(TASK MATERIAL Opens)

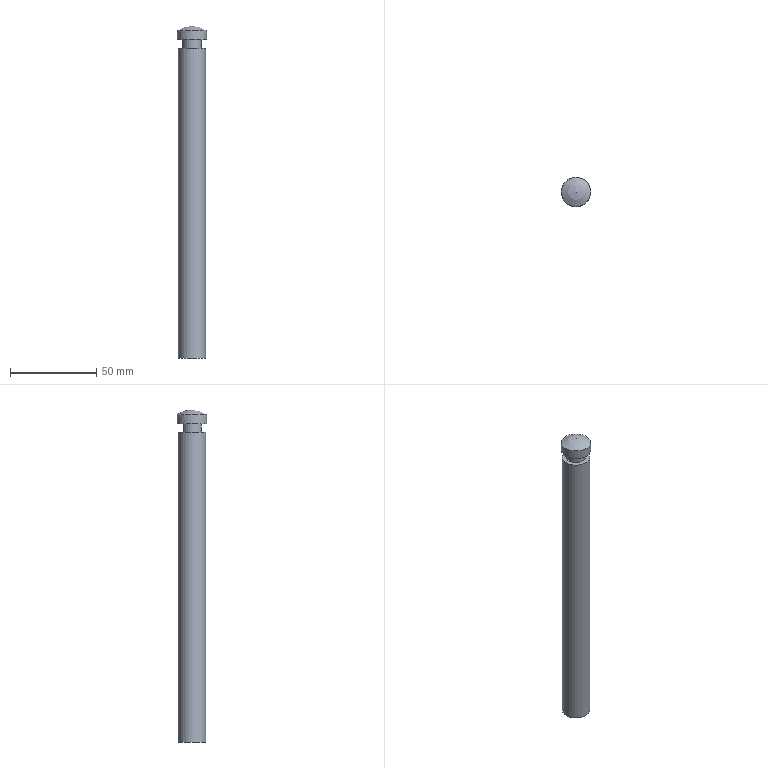Component | NX | STUD_B_2 | 1 solid | 7 faces | box 17 x 17 x 192 mm | volume 37991 mm3 | plane 3 | cylinder 3 | sphere 1 | commonest cylinder face diameters 16 x1 11 x1 17 x1
STEP:
#1=CARTESIAN_POINT('',(0.,0.,0.));
#2=DIRECTION('',(0.,0.,1.));
#3=DIRECTION('',(1.,0.,0.));
#4=AXIS2_PLACEMENT_3D('',#1,#2,#3);
#5=CARTESIAN_POINT('',(194.,-0.,10.));
#6=VERTEX_POINT('',#5);
#7=CARTESIAN_POINT('',(186.,-0.,10.));
#8=DIRECTION('',(0.,0.,1.));
#9=DIRECTION('',(1.,0.,0.));
#10=AXIS2_PLACEMENT_3D('',#7,#8,#9);
#11=CIRCLE('',#10,8.);
#12=CARTESIAN_POINT('',(186.,-0.,10.));
#13=DIRECTION('',(0.,0.,1.));
#14=DIRECTION('',(1.,0.,0.));
#15=AXIS2_PLACEMENT_3D('',#12,#13,#14);
#16=PLANE('',#15);
#17=CARTESIAN_POINT('',(0.,0.));
#18=DIRECTION('',(1.,0.));
#19=AXIS2_PLACEMENT_2D('',#17,#18);
#20=CIRCLE('',#19,8.);
#21=(GEOMETRIC_REPRESENTATION_CONTEXT(2)PARAMETRIC_REPRESENTATION_CONTEXT()REPRESENTATION_CONTEXT('',''));
#22=DEFINITIONAL_REPRESENTATION('',(#20),#21);
#23=PCURVE('',#16,#22);
#24=CARTESIAN_POINT('',(186.,-0.,202.));
#25=DIRECTION('',(0.,0.,1.));
#26=DIRECTION('',(1.,0.,0.));
#27=AXIS2_PLACEMENT_3D('',#24,#25,#26);
#28=CYLINDRICAL_SURFACE('',#27,8.);
#29=CARTESIAN_POINT('',(0.,-192.));
#30=DIRECTION('',(1.,0.));
#31=VECTOR('',#30,1.);
#32=LINE('',#29,#31);
#33=(GEOMETRIC_REPRESENTATION_CONTEXT(2)PARAMETRIC_REPRESENTATION_CONTEXT()REPRESENTATION_CONTEXT('',''));
#34=DEFINITIONAL_REPRESENTATION('',(#32),#33);
#35=PCURVE('',#28,#34);
#36=SURFACE_CURVE('',#11,(#23,#35),.PCURVE_S1.);
#37=EDGE_CURVE('',#6,#6,#36,.T.);
#38=ORIENTED_EDGE('',*,*,#37,.F.);
#39=EDGE_LOOP('',(#38));
#40=FACE_BOUND('',#39,.T.);
#41=ADVANCED_FACE('',(#40),#16,.F.);
#42=ORIENTED_EDGE('',*,*,#37,.T.);
#43=CARTESIAN_POINT('',(194.,-0.,189.));
#44=VERTEX_POINT('',#43);
#45=CARTESIAN_POINT('',(194.,-0.,10.));
#46=CARTESIAN_POINT('',(194.,-0.,189.));
#47=B_SPLINE_CURVE_WITH_KNOTS('',1,(#45,#46),.UNSPECIFIED.,.F.,.F.,(2,2),(-192.,-13.),.PIECEWISE_BEZIER_KNOTS.);
#48=CARTESIAN_POINT('',(6.283,0.));
#49=DIRECTION('',(0.,1.));
#50=VECTOR('',#49,1.);
#51=LINE('',#48,#50);
#52=(GEOMETRIC_REPRESENTATION_CONTEXT(2)PARAMETRIC_REPRESENTATION_CONTEXT()REPRESENTATION_CONTEXT('',''));
#53=DEFINITIONAL_REPRESENTATION('',(#51),#52);
#54=PCURVE('',#28,#53);
#55=CARTESIAN_POINT('',(0.,0.));
#56=DIRECTION('',(0.,1.));
#57=VECTOR('',#56,1.);
#58=LINE('',#55,#57);
#59=(GEOMETRIC_REPRESENTATION_CONTEXT(2)PARAMETRIC_REPRESENTATION_CONTEXT()REPRESENTATION_CONTEXT('',''));
#60=DEFINITIONAL_REPRESENTATION('',(#58),#59);
#61=PCURVE('',#28,#60);
#62=SEAM_CURVE('',#47,(#54,#61),.PCURVE_S1.);
#63=EDGE_CURVE('',#6,#44,#62,.T.);
#64=ORIENTED_EDGE('',*,*,#63,.T.);
#65=CARTESIAN_POINT('',(186.,-0.,189.));
#66=DIRECTION('',(0.,0.,1.));
#67=DIRECTION('',(1.,0.,0.));
#68=AXIS2_PLACEMENT_3D('',#65,#66,#67);
#69=CIRCLE('',#68,8.);
#70=CARTESIAN_POINT('',(0.,-13.));
#71=DIRECTION('',(1.,0.));
#72=VECTOR('',#71,1.);
#73=LINE('',#70,#72);
#74=(GEOMETRIC_REPRESENTATION_CONTEXT(2)PARAMETRIC_REPRESENTATION_CONTEXT()REPRESENTATION_CONTEXT('',''));
#75=DEFINITIONAL_REPRESENTATION('',(#73),#74);
#76=PCURVE('',#28,#75);
#77=CARTESIAN_POINT('',(186.,-5.5,189.));
#78=DIRECTION('',(0.,0.,1.));
#79=DIRECTION('',(1.,0.,0.));
#80=AXIS2_PLACEMENT_3D('',#77,#78,#79);
#81=PLANE('',#80);
#82=CARTESIAN_POINT('',(0.,5.5));
#83=DIRECTION('',(1.,0.));
#84=AXIS2_PLACEMENT_2D('',#82,#83);
#85=CIRCLE('',#84,8.);
#86=(GEOMETRIC_REPRESENTATION_CONTEXT(2)PARAMETRIC_REPRESENTATION_CONTEXT()REPRESENTATION_CONTEXT('',''));
#87=DEFINITIONAL_REPRESENTATION('',(#85),#86);
#88=PCURVE('',#81,#87);
#89=SURFACE_CURVE('',#69,(#76,#88),.PCURVE_S1.);
#90=EDGE_CURVE('',#44,#44,#89,.T.);
#91=ORIENTED_EDGE('',*,*,#90,.F.);
#92=ORIENTED_EDGE('',*,*,#63,.F.);
#93=EDGE_LOOP('',(#42,#64,#91,#92));
#94=FACE_BOUND('',#93,.T.);
#95=ADVANCED_FACE('',(#94),#28,.T.);
#96=ORIENTED_EDGE('',*,*,#90,.T.);
#97=EDGE_LOOP('',(#96));
#98=FACE_BOUND('',#97,.T.);
#99=CARTESIAN_POINT('',(191.5,-0.,189.));
#100=VERTEX_POINT('',#99);
#101=CARTESIAN_POINT('',(186.,-0.,189.));
#102=DIRECTION('',(0.,0.,1.));
#103=DIRECTION('',(1.,0.,0.));
#104=AXIS2_PLACEMENT_3D('',#101,#102,#103);
#105=CIRCLE('',#104,5.5);
#106=CARTESIAN_POINT('',(0.,5.5));
#107=DIRECTION('',(1.,0.));
#108=AXIS2_PLACEMENT_2D('',#106,#107);
#109=CIRCLE('',#108,5.5);
#110=(GEOMETRIC_REPRESENTATION_CONTEXT(2)PARAMETRIC_REPRESENTATION_CONTEXT()REPRESENTATION_CONTEXT('',''));
#111=DEFINITIONAL_REPRESENTATION('',(#109),#110);
#112=PCURVE('',#81,#111);
#113=CARTESIAN_POINT('',(186.,-0.,202.));
#114=DIRECTION('',(0.,0.,1.));
#115=DIRECTION('',(1.,0.,0.));
#116=AXIS2_PLACEMENT_3D('',#113,#114,#115);
#117=CYLINDRICAL_SURFACE('',#116,5.5);
#118=CARTESIAN_POINT('',(0.,-13.));
#119=DIRECTION('',(1.,0.));
#120=VECTOR('',#119,1.);
#121=LINE('',#118,#120);
#122=(GEOMETRIC_REPRESENTATION_CONTEXT(2)PARAMETRIC_REPRESENTATION_CONTEXT()REPRESENTATION_CONTEXT('',''));
#123=DEFINITIONAL_REPRESENTATION('',(#121),#122);
#124=PCURVE('',#117,#123);
#125=SURFACE_CURVE('',#105,(#112,#124),.PCURVE_S1.);
#126=EDGE_CURVE('',#100,#100,#125,.T.);
#127=ORIENTED_EDGE('',*,*,#126,.F.);
#128=EDGE_LOOP('',(#127));
#129=FACE_BOUND('',#128,.T.);
#130=ADVANCED_FACE('',(#98,#129),#81,.T.);
#131=ORIENTED_EDGE('',*,*,#126,.T.);
#132=CARTESIAN_POINT('',(191.5,-0.,194.));
#133=VERTEX_POINT('',#132);
#134=CARTESIAN_POINT('',(191.5,-0.,189.));
#135=CARTESIAN_POINT('',(191.5,-0.,194.));
#136=B_SPLINE_CURVE_WITH_KNOTS('',1,(#134,#135),.UNSPECIFIED.,.F.,.F.,(2,2),(-13.,-8.),.PIECEWISE_BEZIER_KNOTS.);
#137=CARTESIAN_POINT('',(6.283,0.));
#138=DIRECTION('',(0.,1.));
#139=VECTOR('',#138,1.);
#140=LINE('',#137,#139);
#141=(GEOMETRIC_REPRESENTATION_CONTEXT(2)PARAMETRIC_REPRESENTATION_CONTEXT()REPRESENTATION_CONTEXT('',''));
#142=DEFINITIONAL_REPRESENTATION('',(#140),#141);
#143=PCURVE('',#117,#142);
#144=CARTESIAN_POINT('',(0.,0.));
#145=DIRECTION('',(0.,1.));
#146=VECTOR('',#145,1.);
#147=LINE('',#144,#146);
#148=(GEOMETRIC_REPRESENTATION_CONTEXT(2)PARAMETRIC_REPRESENTATION_CONTEXT()REPRESENTATION_CONTEXT('',''));
#149=DEFINITIONAL_REPRESENTATION('',(#147),#148);
#150=PCURVE('',#117,#149);
#151=SEAM_CURVE('',#136,(#143,#150),.PCURVE_S1.);
#152=EDGE_CURVE('',#100,#133,#151,.T.);
#153=ORIENTED_EDGE('',*,*,#152,.T.);
#154=CARTESIAN_POINT('',(186.,-0.,194.));
#155=DIRECTION('',(0.,0.,1.));
#156=DIRECTION('',(1.,0.,0.));
#157=AXIS2_PLACEMENT_3D('',#154,#155,#156);
#158=CIRCLE('',#157,5.5);
#159=CARTESIAN_POINT('',(0.,-8.));
#160=DIRECTION('',(1.,0.));
#161=VECTOR('',#160,1.);
#162=LINE('',#159,#161);
#163=(GEOMETRIC_REPRESENTATION_CONTEXT(2)PARAMETRIC_REPRESENTATION_CONTEXT()REPRESENTATION_CONTEXT('',''));
#164=DEFINITIONAL_REPRESENTATION('',(#162),#163);
#165=PCURVE('',#117,#164);
#166=CARTESIAN_POINT('',(186.,-8.5,194.));
#167=DIRECTION('',(0.,0.,-1.));
#168=DIRECTION('',(-1.,0.,0.));
#169=AXIS2_PLACEMENT_3D('',#166,#167,#168);
#170=PLANE('',#169);
#171=CARTESIAN_POINT('',(-5.5,8.5));
#172=CARTESIAN_POINT('',(-5.5,18.026));
#173=CARTESIAN_POINT('',(2.75,13.263));
#174=CARTESIAN_POINT('',(11.,8.5));
#175=CARTESIAN_POINT('',(2.75,3.737));
#176=CARTESIAN_POINT('',(-5.5,-1.026));
#177=CARTESIAN_POINT('',(-5.5,8.5));
#178=(BOUNDED_CURVE()B_SPLINE_CURVE(2,(#171,#172,#173,#174,#175,#176,#177),.UNSPECIFIED.,.T.,.F.)B_SPLINE_CURVE_WITH_KNOTS((1,2,2,2,2,1),(-2.094,0.,2.094,4.189,6.283,8.378),.UNSPECIFIED.)CURVE()GEOMETRIC_REPRESENTATION_ITEM()RATIONAL_B_SPLINE_CURVE((1.,0.5,1.,0.5,1.,0.5,1.))REPRESENTATION_ITEM(''));
#179=(GEOMETRIC_REPRESENTATION_CONTEXT(2)PARAMETRIC_REPRESENTATION_CONTEXT()REPRESENTATION_CONTEXT('',''));
#180=DEFINITIONAL_REPRESENTATION('',(#178),#179);
#181=PCURVE('',#170,#180);
#182=SURFACE_CURVE('',#158,(#165,#181),.PCURVE_S1.);
#183=EDGE_CURVE('',#133,#133,#182,.T.);
#184=ORIENTED_EDGE('',*,*,#183,.F.);
#185=ORIENTED_EDGE('',*,*,#152,.F.);
#186=EDGE_LOOP('',(#131,#153,#184,#185));
#187=FACE_BOUND('',#186,.T.);
#188=ADVANCED_FACE('',(#187),#117,.T.);
#189=ORIENTED_EDGE('',*,*,#183,.T.);
#190=EDGE_LOOP('',(#189));
#191=FACE_BOUND('',#190,.T.);
#192=CARTESIAN_POINT('',(194.5,-0.,194.));
#193=VERTEX_POINT('',#192);
#194=CARTESIAN_POINT('',(186.,-0.,194.));
#195=DIRECTION('',(0.,0.,1.));
#196=DIRECTION('',(1.,0.,0.));
#197=AXIS2_PLACEMENT_3D('',#194,#195,#196);
#198=CIRCLE('',#197,8.5);
#199=CARTESIAN_POINT('',(-8.5,8.5));
#200=CARTESIAN_POINT('',(-8.5,23.222));
#201=CARTESIAN_POINT('',(4.25,15.861));
#202=CARTESIAN_POINT('',(17.,8.5));
#203=CARTESIAN_POINT('',(4.25,1.139));
#204=CARTESIAN_POINT('',(-8.5,-6.222));
#205=CARTESIAN_POINT('',(-8.5,8.5));
#206=(BOUNDED_CURVE()B_SPLINE_CURVE(2,(#199,#200,#201,#202,#203,#204,#205),.UNSPECIFIED.,.T.,.F.)B_SPLINE_CURVE_WITH_KNOTS((1,2,2,2,2,1),(-2.094,0.,2.094,4.189,6.283,8.378),.UNSPECIFIED.)CURVE()GEOMETRIC_REPRESENTATION_ITEM()RATIONAL_B_SPLINE_CURVE((1.,0.5,1.,0.5,1.,0.5,1.))REPRESENTATION_ITEM(''));
#207=(GEOMETRIC_REPRESENTATION_CONTEXT(2)PARAMETRIC_REPRESENTATION_CONTEXT()REPRESENTATION_CONTEXT('',''));
#208=DEFINITIONAL_REPRESENTATION('',(#206),#207);
#209=PCURVE('',#170,#208);
#210=CARTESIAN_POINT('',(186.,-0.,202.));
#211=DIRECTION('',(0.,0.,1.));
#212=DIRECTION('',(1.,0.,0.));
#213=AXIS2_PLACEMENT_3D('',#210,#211,#212);
#214=CYLINDRICAL_SURFACE('',#213,8.5);
#215=CARTESIAN_POINT('',(0.,-8.));
#216=DIRECTION('',(1.,0.));
#217=VECTOR('',#216,1.);
#218=LINE('',#215,#217);
#219=(GEOMETRIC_REPRESENTATION_CONTEXT(2)PARAMETRIC_REPRESENTATION_CONTEXT()REPRESENTATION_CONTEXT('',''));
#220=DEFINITIONAL_REPRESENTATION('',(#218),#219);
#221=PCURVE('',#214,#220);
#222=SURFACE_CURVE('',#198,(#209,#221),.PCURVE_S1.);
#223=EDGE_CURVE('',#193,#193,#222,.T.);
#224=ORIENTED_EDGE('',*,*,#223,.F.);
#225=EDGE_LOOP('',(#224));
#226=FACE_BOUND('',#225,.T.);
#227=ADVANCED_FACE('',(#191,#226),#170,.T.);
#228=ORIENTED_EDGE('',*,*,#223,.T.);
#229=CARTESIAN_POINT('',(194.5,-0.,199.359));
#230=VERTEX_POINT('',#229);
#231=CARTESIAN_POINT('',(194.5,-0.,194.));
#232=CARTESIAN_POINT('',(194.5,-0.,199.359));
#233=B_SPLINE_CURVE_WITH_KNOTS('',1,(#231,#232),.UNSPECIFIED.,.F.,.F.,(2,2),(-8.,-2.641),.PIECEWISE_BEZIER_KNOTS.);
#234=CARTESIAN_POINT('',(6.283,0.));
#235=DIRECTION('',(0.,1.));
#236=VECTOR('',#235,1.);
#237=LINE('',#234,#236);
#238=(GEOMETRIC_REPRESENTATION_CONTEXT(2)PARAMETRIC_REPRESENTATION_CONTEXT()REPRESENTATION_CONTEXT('',''));
#239=DEFINITIONAL_REPRESENTATION('',(#237),#238);
#240=PCURVE('',#214,#239);
#241=CARTESIAN_POINT('',(0.,0.));
#242=DIRECTION('',(0.,1.));
#243=VECTOR('',#242,1.);
#244=LINE('',#241,#243);
#245=(GEOMETRIC_REPRESENTATION_CONTEXT(2)PARAMETRIC_REPRESENTATION_CONTEXT()REPRESENTATION_CONTEXT('',''));
#246=DEFINITIONAL_REPRESENTATION('',(#244),#245);
#247=PCURVE('',#214,#246);
#248=SEAM_CURVE('',#233,(#240,#247),.PCURVE_S1.);
#249=EDGE_CURVE('',#193,#230,#248,.T.);
#250=ORIENTED_EDGE('',*,*,#249,.T.);
#251=CARTESIAN_POINT('',(186.,8.5,199.359));
#252=VERTEX_POINT('',#251);
#253=CARTESIAN_POINT('',(186.,-0.,199.359));
#254=DIRECTION('',(0.,0.,1.));
#255=DIRECTION('',(1.,0.,0.));
#256=AXIS2_PLACEMENT_3D('',#253,#254,#255);
#257=CIRCLE('',#256,8.5);
#258=CARTESIAN_POINT('',(0.,-2.641));
#259=DIRECTION('',(1.,0.));
#260=VECTOR('',#259,1.);
#261=LINE('',#258,#260);
#262=(GEOMETRIC_REPRESENTATION_CONTEXT(2)PARAMETRIC_REPRESENTATION_CONTEXT()REPRESENTATION_CONTEXT('',''));
#263=DEFINITIONAL_REPRESENTATION('',(#261),#262);
#264=PCURVE('',#214,#263);
#265=CARTESIAN_POINT('',(186.,-0.,187.));
#266=DIRECTION('',(0.,0.,1.));
#267=DIRECTION('',(0.,1.,-0.));
#268=AXIS2_PLACEMENT_3D('',#265,#266,#267);
#269=SPHERICAL_SURFACE('',#268,15.);
#270=CARTESIAN_POINT('',(-1.571,0.9683));
#271=CARTESIAN_POINT('',(-1.476,0.9683));
#272=CARTESIAN_POINT('',(-1.285,0.9683));
#273=CARTESIAN_POINT('',(-0.9996,0.9683));
#274=CARTESIAN_POINT('',(-0.714,0.9683));
#275=CARTESIAN_POINT('',(-0.4284,0.9683));
#276=CARTESIAN_POINT('',(-0.1428,0.9683));
#277=CARTESIAN_POINT('',(0.1428,0.9683));
#278=CARTESIAN_POINT('',(0.4284,0.9683));
#279=CARTESIAN_POINT('',(0.714,0.9683));
#280=CARTESIAN_POINT('',(0.9996,0.9683));
#281=CARTESIAN_POINT('',(1.285,0.9683));
#282=CARTESIAN_POINT('',(1.571,0.9683));
#283=CARTESIAN_POINT('',(1.856,0.9683));
#284=CARTESIAN_POINT('',(2.142,0.9683));
#285=CARTESIAN_POINT('',(2.428,0.9683));
#286=CARTESIAN_POINT('',(2.713,0.9683));
#287=CARTESIAN_POINT('',(2.999,0.9683));
#288=CARTESIAN_POINT('',(3.284,0.9683));
#289=CARTESIAN_POINT('',(3.57,0.9683));
#290=CARTESIAN_POINT('',(3.856,0.9683));
#291=CARTESIAN_POINT('',(4.141,0.9683));
#292=CARTESIAN_POINT('',(4.427,0.9683));
#293=CARTESIAN_POINT('',(4.617,0.9683));
#294=CARTESIAN_POINT('',(4.712,0.9683));
#295=B_SPLINE_CURVE_WITH_KNOTS('',3,(#270,#271,#272,#273,#274,#275,#276,#277,#278,#279,#280,#281,#282,#283,#284,#285,#286,#287,#288,#289,#290,#291,#292,#293,#294),.UNSPECIFIED.,.F.,.F.,(4,1,1,1,1,1,1,1,1,1,1,1,1,1,1,1,1,1,1,1,1,1,4),(0.,0.2856,0.5712,0.8568,1.142,1.428,1.714,1.999,2.285,2.57,2.856,3.142,3.427,3.713,3.998,4.284,4.57,4.855,5.141,5.426,5.712,5.998,6.283),.QUASI_UNIFORM_KNOTS.);
#296=(GEOMETRIC_REPRESENTATION_CONTEXT(2)PARAMETRIC_REPRESENTATION_CONTEXT()REPRESENTATION_CONTEXT('',''));
#297=DEFINITIONAL_REPRESENTATION('',(#295),#296);
#298=PCURVE('',#269,#297);
#299=SURFACE_CURVE('',#257,(#264,#298),.PCURVE_S1.);
#300=EDGE_CURVE('',#252,#230,#299,.T.);
#301=ORIENTED_EDGE('',*,*,#300,.F.);
#302=CARTESIAN_POINT('',(186.,-0.,199.359));
#303=DIRECTION('',(0.,0.,1.));
#304=DIRECTION('',(1.,0.,0.));
#305=AXIS2_PLACEMENT_3D('',#302,#303,#304);
#306=CIRCLE('',#305,8.5);
#307=CARTESIAN_POINT('',(0.,-2.641));
#308=DIRECTION('',(1.,0.));
#309=VECTOR('',#308,1.);
#310=LINE('',#307,#309);
#311=(GEOMETRIC_REPRESENTATION_CONTEXT(2)PARAMETRIC_REPRESENTATION_CONTEXT()REPRESENTATION_CONTEXT('',''));
#312=DEFINITIONAL_REPRESENTATION('',(#310),#311);
#313=PCURVE('',#214,#312);
#314=CARTESIAN_POINT('',(4.712,0.9683));
#315=CARTESIAN_POINT('',(4.808,0.9683));
#316=CARTESIAN_POINT('',(4.998,0.9683));
#317=CARTESIAN_POINT('',(5.284,0.9683));
#318=CARTESIAN_POINT('',(5.569,0.9683));
#319=CARTESIAN_POINT('',(5.855,0.9683));
#320=CARTESIAN_POINT('',(6.14,0.9683));
#321=CARTESIAN_POINT('',(6.426,0.9683));
#322=CARTESIAN_POINT('',(6.712,0.9683));
#323=CARTESIAN_POINT('',(6.997,0.9683));
#324=CARTESIAN_POINT('',(7.283,0.9683));
#325=CARTESIAN_POINT('',(7.568,0.9683));
#326=CARTESIAN_POINT('',(7.854,0.9683));
#327=CARTESIAN_POINT('',(8.14,0.9683));
#328=CARTESIAN_POINT('',(8.425,0.9683));
#329=CARTESIAN_POINT('',(8.711,0.9683));
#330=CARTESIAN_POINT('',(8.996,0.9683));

(TASK MATERIAL Closes)

__AIM OF THE EXERCISE__:
Please, without any of the pictures, set down exactly the lines from the beginning of the listing to the line that contains "#16=PLANE('',#15);", inclusive.

__EXPECTED ANSWER__:
Component | NX | STUD_B_2 | 1 solid | 7 faces | box 17 x 17 x 192 mm | volume 37991 mm3 | plane 3 | cylinder 3 | sphere 1 | commonest cylinder face diameters 16 x1 11 x1 17 x1
STEP:
#1=CARTESIAN_POINT('',(0.,0.,0.));
#2=DIRECTION('',(0.,0.,1.));
#3=DIRECTION('',(1.,0.,0.));
#4=AXIS2_PLACEMENT_3D('',#1,#2,#3);
#5=CARTESIAN_POINT('',(194.,-0.,10.));
#6=VERTEX_POINT('',#5);
#7=CARTESIAN_POINT('',(186.,-0.,10.));
#8=DIRECTION('',(0.,0.,1.));
#9=DIRECTION('',(1.,0.,0.));
#10=AXIS2_PLACEMENT_3D('',#7,#8,#9);
#11=CIRCLE('',#10,8.);
#12=CARTESIAN_POINT('',(186.,-0.,10.));
#13=DIRECTION('',(0.,0.,1.));
#14=DIRECTION('',(1.,0.,0.));
#15=AXIS2_PLACEMENT_3D('',#12,#13,#14);
#16=PLANE('',#15);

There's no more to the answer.